- ABOUT THIS TASK -
Return only the lines running from the top of the entries to the line with "40.0, 0.0), z_axis=(0.0, 0.0, 1.0), x_axis=(1.0, 0.0, 0.0)))", inclusive, exactly as written.

- DATA FOR THE TASK -

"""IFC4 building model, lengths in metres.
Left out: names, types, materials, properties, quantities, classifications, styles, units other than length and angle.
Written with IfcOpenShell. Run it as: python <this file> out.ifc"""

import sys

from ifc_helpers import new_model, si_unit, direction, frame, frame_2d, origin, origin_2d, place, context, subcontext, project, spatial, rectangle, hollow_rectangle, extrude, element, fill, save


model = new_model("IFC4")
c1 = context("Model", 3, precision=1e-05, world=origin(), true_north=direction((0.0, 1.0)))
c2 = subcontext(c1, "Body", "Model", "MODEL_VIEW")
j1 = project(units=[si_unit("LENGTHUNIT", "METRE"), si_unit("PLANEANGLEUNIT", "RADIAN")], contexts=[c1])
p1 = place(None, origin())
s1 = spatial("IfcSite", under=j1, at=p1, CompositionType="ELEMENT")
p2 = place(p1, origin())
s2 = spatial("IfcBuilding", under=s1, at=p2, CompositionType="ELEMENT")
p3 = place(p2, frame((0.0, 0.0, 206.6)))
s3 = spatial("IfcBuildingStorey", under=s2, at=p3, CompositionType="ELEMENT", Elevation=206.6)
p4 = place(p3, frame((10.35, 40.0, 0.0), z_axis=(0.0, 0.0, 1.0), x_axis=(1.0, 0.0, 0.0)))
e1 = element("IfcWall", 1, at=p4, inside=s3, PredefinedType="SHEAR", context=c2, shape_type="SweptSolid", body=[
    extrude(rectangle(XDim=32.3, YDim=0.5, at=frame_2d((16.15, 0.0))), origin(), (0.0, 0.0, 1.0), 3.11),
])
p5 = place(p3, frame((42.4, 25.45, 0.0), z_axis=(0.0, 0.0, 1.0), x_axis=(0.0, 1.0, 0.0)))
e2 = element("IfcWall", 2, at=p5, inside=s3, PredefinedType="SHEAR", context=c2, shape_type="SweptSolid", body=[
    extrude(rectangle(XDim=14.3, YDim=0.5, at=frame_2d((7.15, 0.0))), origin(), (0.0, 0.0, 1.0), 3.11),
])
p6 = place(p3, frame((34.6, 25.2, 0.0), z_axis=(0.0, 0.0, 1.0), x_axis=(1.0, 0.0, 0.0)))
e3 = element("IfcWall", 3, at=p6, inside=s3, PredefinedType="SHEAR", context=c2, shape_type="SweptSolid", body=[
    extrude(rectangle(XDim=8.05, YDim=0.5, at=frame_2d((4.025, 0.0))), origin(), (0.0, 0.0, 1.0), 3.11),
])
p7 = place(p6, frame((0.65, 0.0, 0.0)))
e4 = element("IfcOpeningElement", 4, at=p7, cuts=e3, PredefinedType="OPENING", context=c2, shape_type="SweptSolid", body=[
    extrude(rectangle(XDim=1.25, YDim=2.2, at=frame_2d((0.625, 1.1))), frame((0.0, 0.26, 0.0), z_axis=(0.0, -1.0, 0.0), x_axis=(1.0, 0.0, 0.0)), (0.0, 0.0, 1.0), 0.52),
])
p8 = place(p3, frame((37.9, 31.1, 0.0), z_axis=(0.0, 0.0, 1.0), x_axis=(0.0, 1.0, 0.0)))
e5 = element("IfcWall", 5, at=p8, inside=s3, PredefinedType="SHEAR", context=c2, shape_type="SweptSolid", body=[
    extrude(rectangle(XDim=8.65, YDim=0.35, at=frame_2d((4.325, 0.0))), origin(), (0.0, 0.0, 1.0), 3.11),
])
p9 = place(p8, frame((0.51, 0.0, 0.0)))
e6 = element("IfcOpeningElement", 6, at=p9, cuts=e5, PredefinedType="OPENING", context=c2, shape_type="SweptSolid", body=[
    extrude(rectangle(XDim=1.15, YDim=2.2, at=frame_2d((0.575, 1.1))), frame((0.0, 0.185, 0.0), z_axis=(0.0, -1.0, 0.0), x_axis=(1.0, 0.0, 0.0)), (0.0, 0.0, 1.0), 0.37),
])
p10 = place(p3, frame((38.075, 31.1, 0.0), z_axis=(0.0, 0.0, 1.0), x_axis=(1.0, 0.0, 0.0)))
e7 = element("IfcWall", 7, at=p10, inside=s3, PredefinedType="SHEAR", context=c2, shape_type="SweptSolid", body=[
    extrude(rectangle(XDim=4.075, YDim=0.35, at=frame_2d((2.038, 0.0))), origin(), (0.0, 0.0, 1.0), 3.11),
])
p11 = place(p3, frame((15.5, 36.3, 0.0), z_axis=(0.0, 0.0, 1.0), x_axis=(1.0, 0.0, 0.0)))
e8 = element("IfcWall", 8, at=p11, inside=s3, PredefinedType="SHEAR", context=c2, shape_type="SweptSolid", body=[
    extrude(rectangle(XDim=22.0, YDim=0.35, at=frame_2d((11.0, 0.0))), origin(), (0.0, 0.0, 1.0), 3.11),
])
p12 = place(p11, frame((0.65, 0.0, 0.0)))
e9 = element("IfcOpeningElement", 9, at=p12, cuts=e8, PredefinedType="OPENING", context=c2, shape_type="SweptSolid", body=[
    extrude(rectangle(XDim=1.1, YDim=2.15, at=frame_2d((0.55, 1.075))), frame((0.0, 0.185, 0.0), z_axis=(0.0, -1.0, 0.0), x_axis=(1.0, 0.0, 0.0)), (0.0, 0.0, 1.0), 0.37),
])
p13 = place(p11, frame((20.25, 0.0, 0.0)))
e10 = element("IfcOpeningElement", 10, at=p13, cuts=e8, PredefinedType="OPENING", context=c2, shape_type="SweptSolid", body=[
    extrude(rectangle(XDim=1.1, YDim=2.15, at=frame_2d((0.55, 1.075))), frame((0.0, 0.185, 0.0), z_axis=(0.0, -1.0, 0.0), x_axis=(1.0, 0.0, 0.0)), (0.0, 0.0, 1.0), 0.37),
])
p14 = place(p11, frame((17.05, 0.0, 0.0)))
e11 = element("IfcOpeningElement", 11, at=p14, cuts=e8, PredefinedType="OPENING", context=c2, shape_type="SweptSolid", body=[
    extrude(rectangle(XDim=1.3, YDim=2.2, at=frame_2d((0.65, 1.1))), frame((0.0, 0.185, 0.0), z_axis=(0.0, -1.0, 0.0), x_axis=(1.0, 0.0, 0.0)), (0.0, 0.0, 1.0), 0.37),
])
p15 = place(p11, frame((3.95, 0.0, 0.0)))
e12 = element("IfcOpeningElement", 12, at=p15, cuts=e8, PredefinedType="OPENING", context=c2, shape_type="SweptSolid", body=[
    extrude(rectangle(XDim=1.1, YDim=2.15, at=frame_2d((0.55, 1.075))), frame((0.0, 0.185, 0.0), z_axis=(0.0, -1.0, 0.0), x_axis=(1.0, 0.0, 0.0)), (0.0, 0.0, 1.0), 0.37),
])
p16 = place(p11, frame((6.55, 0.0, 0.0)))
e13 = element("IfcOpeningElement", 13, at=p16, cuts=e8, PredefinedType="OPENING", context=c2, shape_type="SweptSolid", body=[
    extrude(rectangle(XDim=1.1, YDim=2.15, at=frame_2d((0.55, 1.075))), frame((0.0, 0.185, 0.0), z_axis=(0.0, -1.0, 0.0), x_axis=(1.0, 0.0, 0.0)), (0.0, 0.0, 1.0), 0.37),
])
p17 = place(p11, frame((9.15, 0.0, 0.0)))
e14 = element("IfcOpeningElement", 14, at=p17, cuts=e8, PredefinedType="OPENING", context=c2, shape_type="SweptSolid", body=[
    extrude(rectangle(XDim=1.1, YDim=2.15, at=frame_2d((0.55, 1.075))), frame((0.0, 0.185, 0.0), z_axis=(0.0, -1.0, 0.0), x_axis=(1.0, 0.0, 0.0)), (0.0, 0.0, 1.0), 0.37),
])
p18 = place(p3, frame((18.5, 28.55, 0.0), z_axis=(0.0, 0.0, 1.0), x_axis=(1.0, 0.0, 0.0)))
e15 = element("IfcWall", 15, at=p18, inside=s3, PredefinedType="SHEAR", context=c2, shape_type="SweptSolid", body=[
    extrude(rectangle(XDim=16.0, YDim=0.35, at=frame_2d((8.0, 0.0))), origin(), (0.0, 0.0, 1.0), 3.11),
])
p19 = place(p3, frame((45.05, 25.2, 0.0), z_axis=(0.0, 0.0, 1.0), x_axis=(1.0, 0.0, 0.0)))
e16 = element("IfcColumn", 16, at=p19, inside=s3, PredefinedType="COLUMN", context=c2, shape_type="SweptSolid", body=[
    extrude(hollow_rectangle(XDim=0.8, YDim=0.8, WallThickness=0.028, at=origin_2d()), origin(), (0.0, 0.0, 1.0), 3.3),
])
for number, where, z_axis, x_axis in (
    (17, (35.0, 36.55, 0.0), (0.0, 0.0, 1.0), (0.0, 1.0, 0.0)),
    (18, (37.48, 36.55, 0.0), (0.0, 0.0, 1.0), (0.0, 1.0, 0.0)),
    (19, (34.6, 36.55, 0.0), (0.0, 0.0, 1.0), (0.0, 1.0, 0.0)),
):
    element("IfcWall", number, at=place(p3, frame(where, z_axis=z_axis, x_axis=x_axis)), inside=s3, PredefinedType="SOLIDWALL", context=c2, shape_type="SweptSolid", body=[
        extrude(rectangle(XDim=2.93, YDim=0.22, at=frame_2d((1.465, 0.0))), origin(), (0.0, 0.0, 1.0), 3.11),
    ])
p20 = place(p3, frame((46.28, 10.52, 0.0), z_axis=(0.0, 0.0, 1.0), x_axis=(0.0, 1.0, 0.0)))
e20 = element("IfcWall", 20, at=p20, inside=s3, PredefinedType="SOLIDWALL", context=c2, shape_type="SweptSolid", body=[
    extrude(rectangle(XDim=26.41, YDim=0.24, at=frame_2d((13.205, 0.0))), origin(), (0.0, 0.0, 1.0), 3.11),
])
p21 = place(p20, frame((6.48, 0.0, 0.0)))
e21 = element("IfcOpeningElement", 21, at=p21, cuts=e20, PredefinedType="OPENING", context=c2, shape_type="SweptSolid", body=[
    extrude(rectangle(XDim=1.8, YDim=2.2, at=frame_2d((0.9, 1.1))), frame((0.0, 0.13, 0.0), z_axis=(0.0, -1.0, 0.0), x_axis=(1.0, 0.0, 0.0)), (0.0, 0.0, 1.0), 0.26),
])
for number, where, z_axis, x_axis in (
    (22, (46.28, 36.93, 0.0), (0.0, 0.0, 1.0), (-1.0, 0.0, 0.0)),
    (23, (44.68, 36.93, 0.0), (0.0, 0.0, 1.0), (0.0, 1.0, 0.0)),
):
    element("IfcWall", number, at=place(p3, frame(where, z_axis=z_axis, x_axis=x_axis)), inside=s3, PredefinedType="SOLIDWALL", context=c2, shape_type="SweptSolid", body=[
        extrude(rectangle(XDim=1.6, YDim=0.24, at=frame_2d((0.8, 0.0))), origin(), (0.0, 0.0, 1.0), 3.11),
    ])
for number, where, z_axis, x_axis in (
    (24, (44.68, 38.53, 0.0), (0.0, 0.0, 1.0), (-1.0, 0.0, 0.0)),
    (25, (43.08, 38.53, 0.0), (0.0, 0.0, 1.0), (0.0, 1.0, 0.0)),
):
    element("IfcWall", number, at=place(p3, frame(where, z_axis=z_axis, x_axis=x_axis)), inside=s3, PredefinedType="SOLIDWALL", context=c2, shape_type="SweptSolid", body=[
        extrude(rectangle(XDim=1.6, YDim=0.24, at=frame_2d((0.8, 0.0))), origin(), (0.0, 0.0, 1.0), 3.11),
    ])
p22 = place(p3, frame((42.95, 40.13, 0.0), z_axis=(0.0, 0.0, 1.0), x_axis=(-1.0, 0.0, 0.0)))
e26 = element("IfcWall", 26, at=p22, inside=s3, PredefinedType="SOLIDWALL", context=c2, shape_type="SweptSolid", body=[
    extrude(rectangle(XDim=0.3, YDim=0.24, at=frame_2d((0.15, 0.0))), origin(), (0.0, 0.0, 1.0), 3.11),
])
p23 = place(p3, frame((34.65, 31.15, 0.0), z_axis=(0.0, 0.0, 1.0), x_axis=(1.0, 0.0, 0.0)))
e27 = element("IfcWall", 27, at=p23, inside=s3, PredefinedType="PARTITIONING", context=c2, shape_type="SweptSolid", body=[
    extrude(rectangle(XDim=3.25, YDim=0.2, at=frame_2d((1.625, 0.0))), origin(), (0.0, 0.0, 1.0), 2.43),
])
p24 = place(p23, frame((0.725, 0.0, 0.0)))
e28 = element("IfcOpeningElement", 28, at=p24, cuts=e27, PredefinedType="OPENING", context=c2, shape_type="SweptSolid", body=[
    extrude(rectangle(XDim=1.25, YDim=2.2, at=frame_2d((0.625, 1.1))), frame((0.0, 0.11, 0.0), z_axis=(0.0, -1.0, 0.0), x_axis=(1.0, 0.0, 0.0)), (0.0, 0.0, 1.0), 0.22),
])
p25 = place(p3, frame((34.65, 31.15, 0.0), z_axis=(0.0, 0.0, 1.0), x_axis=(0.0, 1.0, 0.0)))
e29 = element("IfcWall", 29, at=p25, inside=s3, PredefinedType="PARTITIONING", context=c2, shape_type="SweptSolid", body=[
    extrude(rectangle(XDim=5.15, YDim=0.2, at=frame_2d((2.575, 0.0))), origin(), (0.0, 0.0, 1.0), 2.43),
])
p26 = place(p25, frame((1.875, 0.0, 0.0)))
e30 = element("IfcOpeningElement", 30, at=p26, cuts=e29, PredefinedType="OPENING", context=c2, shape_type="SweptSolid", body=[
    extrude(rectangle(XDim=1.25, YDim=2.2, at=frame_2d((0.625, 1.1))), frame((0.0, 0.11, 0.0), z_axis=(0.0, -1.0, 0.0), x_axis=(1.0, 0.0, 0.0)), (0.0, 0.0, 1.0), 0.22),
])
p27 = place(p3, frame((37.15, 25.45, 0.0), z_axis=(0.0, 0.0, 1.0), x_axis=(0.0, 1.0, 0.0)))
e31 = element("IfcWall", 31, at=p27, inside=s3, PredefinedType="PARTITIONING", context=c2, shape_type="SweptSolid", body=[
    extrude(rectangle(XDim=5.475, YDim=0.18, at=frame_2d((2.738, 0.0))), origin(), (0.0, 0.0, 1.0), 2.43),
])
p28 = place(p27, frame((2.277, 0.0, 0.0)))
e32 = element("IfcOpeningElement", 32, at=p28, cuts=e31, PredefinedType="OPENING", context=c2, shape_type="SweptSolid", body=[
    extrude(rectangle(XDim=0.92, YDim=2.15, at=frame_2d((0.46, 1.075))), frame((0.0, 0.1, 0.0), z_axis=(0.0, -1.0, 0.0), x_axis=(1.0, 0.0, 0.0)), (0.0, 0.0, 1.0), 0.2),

- SOLUTION TO THE EXERCISE -
"""IFC4 building model, lengths in metres.
Left out: names, types, materials, properties, quantities, classifications, styles, units other than length and angle.
Written with IfcOpenShell. Run it as: python <this file> out.ifc"""

import sys

from ifc_helpers import new_model, si_unit, direction, frame, frame_2d, origin, origin_2d, place, context, subcontext, project, spatial, rectangle, hollow_rectangle, extrude, element, fill, save


model = new_model("IFC4")
c1 = context("Model", 3, precision=1e-05, world=origin(), true_north=direction((0.0, 1.0)))
c2 = subcontext(c1, "Body", "Model", "MODEL_VIEW")
j1 = project(units=[si_unit("LENGTHUNIT", "METRE"), si_unit("PLANEANGLEUNIT", "RADIAN")], contexts=[c1])
p1 = place(None, origin())
s1 = spatial("IfcSite", under=j1, at=p1, CompositionType="ELEMENT")
p2 = place(p1, origin())
s2 = spatial("IfcBuilding", under=s1, at=p2, CompositionType="ELEMENT")
p3 = place(p2, frame((0.0, 0.0, 206.6)))
s3 = spatial("IfcBuildingStorey", under=s2, at=p3, CompositionType="ELEMENT", Elevation=206.6)
p4 = place(p3, frame((10.35, 40.0, 0.0), z_axis=(0.0, 0.0, 1.0), x_axis=(1.0, 0.0, 0.0)))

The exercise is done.